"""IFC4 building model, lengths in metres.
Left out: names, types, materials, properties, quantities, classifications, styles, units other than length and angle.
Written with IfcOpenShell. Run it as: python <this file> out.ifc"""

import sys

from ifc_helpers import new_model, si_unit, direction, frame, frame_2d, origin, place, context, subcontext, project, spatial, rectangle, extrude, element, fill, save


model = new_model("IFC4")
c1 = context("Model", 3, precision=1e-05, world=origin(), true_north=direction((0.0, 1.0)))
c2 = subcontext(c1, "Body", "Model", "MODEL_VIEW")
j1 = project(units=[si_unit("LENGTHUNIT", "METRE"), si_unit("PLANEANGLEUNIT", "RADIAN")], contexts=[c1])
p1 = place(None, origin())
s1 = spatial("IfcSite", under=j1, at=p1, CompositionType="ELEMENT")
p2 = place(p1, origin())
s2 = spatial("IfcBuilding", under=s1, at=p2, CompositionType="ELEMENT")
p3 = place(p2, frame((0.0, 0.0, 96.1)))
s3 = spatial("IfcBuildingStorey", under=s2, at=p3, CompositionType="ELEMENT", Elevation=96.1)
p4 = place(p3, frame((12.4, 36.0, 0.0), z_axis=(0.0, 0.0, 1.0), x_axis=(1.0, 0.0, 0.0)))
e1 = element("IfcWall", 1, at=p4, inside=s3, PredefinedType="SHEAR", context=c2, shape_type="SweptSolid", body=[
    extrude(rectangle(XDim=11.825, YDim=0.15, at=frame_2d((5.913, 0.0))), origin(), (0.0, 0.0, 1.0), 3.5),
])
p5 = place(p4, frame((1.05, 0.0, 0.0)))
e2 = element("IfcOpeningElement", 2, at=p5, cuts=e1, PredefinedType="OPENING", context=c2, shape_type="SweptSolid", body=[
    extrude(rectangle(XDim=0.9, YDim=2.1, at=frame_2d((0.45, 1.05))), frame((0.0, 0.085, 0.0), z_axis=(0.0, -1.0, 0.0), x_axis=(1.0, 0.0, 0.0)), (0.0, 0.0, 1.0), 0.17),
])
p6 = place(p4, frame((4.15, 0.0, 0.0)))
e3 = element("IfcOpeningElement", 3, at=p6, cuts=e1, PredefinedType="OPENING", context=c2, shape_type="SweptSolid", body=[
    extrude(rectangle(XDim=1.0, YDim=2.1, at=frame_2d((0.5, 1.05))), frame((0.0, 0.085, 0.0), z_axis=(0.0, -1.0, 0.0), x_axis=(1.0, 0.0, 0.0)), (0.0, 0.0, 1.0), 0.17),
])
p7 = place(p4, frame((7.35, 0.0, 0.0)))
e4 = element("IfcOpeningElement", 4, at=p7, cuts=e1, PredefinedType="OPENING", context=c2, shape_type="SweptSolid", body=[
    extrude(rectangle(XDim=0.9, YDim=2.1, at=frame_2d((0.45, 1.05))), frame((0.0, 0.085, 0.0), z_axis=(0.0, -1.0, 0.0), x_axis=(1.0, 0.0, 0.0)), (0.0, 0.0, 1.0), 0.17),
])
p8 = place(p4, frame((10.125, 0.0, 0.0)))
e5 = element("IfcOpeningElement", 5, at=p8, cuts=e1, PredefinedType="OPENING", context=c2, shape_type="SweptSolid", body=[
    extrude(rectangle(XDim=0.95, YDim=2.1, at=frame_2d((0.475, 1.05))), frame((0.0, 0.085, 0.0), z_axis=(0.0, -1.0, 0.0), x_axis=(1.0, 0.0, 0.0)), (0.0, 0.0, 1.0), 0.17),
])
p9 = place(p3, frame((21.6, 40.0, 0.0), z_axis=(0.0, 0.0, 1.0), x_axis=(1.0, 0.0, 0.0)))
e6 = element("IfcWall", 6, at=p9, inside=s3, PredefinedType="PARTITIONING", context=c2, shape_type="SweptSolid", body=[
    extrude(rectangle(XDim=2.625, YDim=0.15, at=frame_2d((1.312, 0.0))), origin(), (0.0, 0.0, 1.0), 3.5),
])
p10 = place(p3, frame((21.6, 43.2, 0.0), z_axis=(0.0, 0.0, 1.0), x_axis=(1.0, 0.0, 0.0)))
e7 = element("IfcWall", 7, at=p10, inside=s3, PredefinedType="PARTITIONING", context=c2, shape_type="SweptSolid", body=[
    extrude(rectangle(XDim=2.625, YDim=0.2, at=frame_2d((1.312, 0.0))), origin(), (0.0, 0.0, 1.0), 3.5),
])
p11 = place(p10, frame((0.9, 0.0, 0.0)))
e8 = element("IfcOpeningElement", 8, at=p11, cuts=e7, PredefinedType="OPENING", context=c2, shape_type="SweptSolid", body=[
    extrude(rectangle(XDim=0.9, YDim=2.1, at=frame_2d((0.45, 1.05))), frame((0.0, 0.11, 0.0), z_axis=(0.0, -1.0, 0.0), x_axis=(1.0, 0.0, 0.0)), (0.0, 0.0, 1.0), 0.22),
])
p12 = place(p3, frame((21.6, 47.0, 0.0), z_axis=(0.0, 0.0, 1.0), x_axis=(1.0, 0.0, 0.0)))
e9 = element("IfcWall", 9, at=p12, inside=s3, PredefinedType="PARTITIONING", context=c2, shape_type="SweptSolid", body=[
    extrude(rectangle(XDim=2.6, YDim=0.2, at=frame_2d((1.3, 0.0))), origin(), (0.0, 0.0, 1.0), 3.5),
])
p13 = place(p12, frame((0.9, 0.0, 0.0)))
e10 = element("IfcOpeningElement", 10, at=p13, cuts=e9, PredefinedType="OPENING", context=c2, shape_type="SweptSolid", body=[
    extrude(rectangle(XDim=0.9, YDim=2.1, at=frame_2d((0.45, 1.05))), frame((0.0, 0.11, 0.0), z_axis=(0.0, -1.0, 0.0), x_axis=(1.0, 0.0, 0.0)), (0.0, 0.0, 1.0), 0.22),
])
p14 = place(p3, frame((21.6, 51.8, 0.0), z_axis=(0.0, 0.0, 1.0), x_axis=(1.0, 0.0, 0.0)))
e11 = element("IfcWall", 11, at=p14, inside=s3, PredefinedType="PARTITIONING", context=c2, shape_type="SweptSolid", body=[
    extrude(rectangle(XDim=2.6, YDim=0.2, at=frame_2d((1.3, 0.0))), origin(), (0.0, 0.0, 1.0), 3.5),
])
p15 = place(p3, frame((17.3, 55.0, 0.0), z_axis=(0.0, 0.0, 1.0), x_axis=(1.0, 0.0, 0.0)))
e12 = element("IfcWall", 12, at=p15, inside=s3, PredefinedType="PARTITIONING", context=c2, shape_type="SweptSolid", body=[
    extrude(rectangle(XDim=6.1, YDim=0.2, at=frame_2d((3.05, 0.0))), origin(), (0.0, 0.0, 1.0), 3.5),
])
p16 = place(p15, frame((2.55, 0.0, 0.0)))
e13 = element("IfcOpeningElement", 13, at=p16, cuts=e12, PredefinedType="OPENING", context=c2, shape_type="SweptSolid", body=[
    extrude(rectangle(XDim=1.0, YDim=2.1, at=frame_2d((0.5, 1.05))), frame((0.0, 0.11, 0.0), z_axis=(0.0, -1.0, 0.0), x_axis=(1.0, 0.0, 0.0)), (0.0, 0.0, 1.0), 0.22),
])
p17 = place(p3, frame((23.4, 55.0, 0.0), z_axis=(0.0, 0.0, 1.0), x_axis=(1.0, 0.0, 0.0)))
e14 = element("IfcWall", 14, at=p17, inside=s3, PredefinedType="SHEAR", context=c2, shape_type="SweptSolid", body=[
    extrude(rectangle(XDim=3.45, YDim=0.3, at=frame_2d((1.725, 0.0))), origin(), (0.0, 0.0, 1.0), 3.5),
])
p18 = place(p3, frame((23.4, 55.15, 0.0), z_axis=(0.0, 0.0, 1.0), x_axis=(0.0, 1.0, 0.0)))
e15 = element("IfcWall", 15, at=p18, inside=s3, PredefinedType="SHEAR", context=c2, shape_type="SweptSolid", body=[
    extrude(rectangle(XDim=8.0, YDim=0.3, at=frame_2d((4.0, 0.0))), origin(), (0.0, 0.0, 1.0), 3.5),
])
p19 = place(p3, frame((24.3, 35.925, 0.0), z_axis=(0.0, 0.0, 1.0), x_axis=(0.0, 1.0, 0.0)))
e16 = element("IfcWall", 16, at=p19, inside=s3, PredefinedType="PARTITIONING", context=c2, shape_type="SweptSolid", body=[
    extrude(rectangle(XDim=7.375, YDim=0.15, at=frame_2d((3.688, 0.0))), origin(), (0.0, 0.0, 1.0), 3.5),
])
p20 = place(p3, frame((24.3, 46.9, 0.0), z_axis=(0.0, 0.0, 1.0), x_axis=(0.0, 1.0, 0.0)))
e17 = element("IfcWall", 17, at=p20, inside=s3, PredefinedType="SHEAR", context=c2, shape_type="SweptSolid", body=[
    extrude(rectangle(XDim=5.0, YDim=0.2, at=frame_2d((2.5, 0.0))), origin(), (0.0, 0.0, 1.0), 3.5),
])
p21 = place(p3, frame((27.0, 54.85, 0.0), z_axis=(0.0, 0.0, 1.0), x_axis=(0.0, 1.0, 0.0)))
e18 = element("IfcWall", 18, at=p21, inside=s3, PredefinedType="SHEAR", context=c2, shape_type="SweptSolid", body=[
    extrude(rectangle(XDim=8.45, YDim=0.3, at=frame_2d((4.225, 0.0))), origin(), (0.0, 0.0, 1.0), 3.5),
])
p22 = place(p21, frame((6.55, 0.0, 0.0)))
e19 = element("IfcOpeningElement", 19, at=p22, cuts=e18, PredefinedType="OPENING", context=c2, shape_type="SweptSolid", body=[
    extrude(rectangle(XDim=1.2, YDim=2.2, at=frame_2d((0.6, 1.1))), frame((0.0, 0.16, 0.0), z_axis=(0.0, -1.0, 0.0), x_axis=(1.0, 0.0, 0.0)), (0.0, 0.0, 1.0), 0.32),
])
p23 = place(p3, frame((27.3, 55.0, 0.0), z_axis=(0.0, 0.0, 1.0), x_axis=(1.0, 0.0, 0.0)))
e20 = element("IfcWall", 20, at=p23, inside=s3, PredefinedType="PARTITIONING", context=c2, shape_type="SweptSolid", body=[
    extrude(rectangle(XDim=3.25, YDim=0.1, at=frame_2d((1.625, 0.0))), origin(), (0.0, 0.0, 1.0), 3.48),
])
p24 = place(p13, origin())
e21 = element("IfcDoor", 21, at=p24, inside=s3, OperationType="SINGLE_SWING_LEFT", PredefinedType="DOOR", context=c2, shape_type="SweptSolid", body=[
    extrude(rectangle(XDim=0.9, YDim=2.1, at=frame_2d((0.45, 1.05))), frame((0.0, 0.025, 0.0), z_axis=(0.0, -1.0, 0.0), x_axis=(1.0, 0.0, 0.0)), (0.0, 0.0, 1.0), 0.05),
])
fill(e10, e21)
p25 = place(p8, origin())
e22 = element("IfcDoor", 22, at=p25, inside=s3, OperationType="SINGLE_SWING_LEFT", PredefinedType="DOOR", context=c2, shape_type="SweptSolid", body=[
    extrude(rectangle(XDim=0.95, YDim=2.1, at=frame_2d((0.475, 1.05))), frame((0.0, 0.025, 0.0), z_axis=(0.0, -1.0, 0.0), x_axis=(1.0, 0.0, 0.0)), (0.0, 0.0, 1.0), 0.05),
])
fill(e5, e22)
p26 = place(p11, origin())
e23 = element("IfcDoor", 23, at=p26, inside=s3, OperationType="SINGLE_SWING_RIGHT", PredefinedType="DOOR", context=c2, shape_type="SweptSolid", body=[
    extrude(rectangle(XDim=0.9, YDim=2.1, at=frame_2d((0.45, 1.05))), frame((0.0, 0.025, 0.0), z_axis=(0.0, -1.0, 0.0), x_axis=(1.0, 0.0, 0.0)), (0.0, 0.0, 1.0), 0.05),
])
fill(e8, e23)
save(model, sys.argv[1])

Assignment — In the records above, find each line that mentions the string "subcontext", then copy it.

Your response —
from ifc_helpers import new_model, si_unit, direction, frame, frame_2d, origin, place, context, subcontext, project, spatial, rectangle, extrude, element, fill, save
c2 = subcontext(c1, "Body", "Model", "MODEL_VIEW")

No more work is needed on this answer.